● What you should do: Find the lines holding the string "units" in the data, then copy all of them.
****************************************
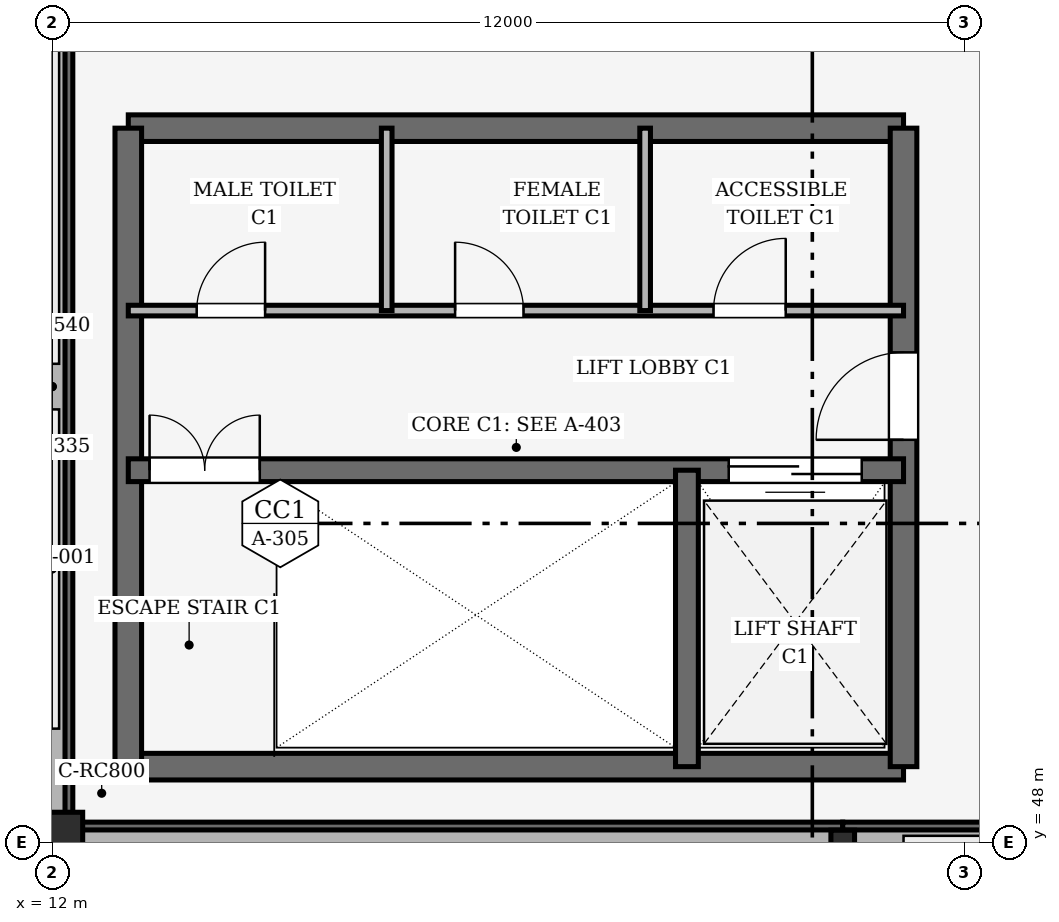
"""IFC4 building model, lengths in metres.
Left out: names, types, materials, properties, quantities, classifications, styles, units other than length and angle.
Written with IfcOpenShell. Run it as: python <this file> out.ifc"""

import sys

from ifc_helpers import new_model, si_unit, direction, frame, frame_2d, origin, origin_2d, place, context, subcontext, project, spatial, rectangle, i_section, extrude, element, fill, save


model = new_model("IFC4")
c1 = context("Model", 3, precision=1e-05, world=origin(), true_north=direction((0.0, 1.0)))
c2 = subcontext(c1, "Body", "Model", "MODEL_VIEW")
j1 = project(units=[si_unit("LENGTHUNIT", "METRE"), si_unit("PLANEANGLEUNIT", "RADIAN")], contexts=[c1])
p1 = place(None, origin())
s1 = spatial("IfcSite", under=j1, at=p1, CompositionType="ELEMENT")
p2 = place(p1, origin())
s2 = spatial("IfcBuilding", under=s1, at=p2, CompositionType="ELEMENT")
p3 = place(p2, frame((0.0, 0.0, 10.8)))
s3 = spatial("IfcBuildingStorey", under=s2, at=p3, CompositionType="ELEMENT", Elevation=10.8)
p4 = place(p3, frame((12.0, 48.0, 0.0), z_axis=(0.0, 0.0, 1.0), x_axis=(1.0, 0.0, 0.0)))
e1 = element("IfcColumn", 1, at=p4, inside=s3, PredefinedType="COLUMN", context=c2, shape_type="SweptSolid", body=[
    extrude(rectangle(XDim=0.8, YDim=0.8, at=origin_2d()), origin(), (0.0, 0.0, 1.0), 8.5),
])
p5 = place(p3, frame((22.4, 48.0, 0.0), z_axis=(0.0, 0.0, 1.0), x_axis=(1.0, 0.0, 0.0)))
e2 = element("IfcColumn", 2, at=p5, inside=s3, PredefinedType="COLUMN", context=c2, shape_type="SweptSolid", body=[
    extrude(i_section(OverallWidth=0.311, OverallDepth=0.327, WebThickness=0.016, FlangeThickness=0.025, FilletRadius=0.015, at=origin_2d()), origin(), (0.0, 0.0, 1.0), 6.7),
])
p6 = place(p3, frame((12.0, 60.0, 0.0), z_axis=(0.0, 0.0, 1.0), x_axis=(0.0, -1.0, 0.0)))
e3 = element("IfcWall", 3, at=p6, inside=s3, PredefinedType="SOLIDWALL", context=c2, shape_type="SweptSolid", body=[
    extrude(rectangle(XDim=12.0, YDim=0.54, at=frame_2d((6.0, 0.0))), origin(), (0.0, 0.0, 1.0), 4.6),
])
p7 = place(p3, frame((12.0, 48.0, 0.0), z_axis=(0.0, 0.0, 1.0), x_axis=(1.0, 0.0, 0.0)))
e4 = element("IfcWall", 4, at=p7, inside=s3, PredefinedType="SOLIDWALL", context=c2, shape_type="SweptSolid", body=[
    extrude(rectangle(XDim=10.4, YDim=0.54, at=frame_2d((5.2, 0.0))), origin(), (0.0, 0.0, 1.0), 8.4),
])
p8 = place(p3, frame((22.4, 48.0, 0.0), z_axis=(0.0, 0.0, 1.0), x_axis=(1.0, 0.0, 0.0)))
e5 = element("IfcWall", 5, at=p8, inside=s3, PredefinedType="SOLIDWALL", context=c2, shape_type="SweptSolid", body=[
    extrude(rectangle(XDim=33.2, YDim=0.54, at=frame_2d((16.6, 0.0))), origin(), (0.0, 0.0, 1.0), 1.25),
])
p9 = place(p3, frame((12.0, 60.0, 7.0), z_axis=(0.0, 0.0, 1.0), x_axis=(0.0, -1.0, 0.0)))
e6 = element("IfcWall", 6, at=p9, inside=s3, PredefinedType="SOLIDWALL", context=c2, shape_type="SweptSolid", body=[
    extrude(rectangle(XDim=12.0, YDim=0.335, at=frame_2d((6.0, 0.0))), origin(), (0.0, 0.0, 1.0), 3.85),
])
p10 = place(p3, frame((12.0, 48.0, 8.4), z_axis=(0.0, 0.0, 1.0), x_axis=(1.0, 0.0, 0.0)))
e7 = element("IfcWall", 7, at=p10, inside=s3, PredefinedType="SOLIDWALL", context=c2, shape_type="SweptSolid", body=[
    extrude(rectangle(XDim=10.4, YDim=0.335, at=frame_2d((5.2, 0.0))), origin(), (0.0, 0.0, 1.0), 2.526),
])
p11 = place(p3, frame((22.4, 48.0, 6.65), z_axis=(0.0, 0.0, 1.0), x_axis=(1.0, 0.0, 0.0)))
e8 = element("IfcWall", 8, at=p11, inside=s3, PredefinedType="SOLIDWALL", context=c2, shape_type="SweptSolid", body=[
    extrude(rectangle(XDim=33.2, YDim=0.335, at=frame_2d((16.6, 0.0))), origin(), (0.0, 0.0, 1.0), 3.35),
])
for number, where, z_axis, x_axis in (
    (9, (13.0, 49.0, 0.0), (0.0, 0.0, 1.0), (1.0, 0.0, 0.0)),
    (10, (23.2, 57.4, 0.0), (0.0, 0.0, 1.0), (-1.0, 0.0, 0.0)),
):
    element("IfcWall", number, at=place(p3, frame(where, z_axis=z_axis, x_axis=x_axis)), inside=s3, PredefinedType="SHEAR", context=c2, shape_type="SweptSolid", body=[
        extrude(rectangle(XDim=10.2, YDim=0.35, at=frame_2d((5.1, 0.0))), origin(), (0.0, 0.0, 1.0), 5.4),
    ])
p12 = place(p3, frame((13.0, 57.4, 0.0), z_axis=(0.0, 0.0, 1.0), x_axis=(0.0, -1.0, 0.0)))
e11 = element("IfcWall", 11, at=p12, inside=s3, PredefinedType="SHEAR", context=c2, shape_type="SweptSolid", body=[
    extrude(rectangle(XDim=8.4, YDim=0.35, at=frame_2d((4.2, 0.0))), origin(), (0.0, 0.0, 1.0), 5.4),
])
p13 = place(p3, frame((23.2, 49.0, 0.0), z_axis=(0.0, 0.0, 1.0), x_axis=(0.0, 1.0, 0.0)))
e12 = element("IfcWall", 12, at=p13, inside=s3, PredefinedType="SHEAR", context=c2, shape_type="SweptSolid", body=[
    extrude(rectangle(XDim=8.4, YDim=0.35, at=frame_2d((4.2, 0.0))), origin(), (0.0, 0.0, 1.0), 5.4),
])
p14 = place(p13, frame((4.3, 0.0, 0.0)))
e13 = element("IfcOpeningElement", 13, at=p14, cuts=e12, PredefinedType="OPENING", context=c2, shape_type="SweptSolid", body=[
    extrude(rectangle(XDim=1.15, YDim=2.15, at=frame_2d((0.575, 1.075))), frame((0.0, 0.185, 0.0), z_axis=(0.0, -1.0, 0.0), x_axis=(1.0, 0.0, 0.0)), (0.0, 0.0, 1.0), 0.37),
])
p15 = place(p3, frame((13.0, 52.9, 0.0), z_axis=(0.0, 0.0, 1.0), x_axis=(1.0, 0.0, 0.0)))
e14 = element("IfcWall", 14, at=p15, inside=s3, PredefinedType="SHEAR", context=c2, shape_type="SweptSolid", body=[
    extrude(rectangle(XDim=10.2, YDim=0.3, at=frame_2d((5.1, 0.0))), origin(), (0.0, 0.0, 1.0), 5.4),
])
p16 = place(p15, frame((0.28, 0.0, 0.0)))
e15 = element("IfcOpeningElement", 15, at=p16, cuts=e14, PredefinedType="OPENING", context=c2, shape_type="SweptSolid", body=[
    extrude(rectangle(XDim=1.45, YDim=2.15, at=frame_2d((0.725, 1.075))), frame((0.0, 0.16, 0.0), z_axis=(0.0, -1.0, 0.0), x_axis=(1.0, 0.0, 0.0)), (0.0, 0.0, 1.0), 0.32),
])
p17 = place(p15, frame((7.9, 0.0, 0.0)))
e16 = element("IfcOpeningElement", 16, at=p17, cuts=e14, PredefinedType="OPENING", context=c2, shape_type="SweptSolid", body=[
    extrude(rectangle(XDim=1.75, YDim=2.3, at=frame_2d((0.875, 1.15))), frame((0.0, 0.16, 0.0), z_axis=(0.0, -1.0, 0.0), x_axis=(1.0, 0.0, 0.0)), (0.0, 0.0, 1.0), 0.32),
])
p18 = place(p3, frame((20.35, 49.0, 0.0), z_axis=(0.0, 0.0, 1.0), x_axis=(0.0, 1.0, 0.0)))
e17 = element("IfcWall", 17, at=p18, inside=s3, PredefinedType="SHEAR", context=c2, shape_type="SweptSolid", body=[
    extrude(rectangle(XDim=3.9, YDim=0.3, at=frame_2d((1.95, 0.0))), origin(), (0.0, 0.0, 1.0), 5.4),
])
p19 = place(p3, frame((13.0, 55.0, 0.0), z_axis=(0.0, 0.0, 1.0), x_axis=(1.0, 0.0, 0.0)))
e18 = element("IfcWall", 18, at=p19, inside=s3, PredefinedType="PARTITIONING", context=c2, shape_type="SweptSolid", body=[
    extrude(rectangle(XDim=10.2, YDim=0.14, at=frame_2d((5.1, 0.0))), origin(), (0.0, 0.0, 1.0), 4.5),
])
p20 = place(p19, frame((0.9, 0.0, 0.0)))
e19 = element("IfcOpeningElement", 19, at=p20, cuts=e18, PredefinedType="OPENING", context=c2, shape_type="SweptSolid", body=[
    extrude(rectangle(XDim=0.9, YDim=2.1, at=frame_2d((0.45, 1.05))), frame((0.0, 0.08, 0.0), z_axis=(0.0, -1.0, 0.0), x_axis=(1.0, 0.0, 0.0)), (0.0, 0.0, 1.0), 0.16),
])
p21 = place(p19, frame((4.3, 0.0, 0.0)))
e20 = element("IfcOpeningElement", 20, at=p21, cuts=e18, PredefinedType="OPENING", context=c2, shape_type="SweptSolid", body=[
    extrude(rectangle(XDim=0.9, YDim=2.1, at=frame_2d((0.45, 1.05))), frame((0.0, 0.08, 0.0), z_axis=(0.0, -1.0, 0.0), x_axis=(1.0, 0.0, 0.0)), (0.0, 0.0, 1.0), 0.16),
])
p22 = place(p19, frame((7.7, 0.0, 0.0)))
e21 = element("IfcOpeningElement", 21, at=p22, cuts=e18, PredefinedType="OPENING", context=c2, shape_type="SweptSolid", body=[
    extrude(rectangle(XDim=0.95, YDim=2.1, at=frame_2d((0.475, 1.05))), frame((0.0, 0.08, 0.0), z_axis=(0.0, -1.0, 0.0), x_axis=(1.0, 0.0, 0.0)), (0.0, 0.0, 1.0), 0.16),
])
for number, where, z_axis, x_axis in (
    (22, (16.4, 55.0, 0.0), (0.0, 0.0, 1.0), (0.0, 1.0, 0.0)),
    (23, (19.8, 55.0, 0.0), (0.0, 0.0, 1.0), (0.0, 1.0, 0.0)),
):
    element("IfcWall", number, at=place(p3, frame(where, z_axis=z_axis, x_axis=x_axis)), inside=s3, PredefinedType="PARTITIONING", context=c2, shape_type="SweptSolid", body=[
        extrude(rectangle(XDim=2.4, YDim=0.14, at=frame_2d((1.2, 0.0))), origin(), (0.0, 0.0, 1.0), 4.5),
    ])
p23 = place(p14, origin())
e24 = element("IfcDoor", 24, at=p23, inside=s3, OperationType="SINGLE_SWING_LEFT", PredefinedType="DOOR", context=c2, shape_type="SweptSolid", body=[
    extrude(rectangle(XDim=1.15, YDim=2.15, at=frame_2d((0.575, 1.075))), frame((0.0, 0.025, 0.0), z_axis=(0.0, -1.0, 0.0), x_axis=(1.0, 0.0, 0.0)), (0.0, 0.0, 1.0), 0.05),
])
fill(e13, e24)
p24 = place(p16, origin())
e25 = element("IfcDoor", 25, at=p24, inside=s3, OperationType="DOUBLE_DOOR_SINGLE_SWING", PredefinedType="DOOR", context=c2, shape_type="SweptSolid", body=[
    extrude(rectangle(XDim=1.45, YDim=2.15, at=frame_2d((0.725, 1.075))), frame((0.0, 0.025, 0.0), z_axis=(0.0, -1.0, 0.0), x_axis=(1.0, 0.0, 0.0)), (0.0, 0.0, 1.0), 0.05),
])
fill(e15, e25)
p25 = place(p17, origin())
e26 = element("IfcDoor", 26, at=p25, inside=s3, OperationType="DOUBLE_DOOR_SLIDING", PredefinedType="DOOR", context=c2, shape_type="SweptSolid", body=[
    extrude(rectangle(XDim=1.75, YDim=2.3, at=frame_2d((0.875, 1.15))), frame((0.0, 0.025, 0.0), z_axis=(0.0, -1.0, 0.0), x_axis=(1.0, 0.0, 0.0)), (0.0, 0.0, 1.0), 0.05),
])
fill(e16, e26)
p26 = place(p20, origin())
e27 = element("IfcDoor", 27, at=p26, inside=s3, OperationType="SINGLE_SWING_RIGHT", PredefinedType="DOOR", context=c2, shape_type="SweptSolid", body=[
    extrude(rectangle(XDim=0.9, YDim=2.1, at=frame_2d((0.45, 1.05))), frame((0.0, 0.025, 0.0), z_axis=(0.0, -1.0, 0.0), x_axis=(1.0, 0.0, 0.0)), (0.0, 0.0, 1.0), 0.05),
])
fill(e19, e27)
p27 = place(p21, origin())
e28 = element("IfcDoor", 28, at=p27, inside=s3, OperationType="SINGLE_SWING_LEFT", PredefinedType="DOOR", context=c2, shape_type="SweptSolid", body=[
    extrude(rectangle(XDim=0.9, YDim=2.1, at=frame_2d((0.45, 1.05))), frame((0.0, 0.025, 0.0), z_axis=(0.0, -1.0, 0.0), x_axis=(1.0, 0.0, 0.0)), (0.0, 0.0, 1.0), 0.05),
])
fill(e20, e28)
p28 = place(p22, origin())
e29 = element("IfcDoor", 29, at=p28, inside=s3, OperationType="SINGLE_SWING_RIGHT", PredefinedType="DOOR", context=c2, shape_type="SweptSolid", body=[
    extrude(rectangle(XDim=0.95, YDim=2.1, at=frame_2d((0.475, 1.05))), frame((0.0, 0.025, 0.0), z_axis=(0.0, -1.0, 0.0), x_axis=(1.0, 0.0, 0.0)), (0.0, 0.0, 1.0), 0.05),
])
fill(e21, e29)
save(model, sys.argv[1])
****************************************
● Result below:
Left out: names, types, materials, properties, quantities, classifications, styles, units other than length and angle.
j1 = project(units=[si_unit("LENGTHUNIT", "METRE"), si_unit("PLANEANGLEUNIT", "RADIAN")], contexts=[c1])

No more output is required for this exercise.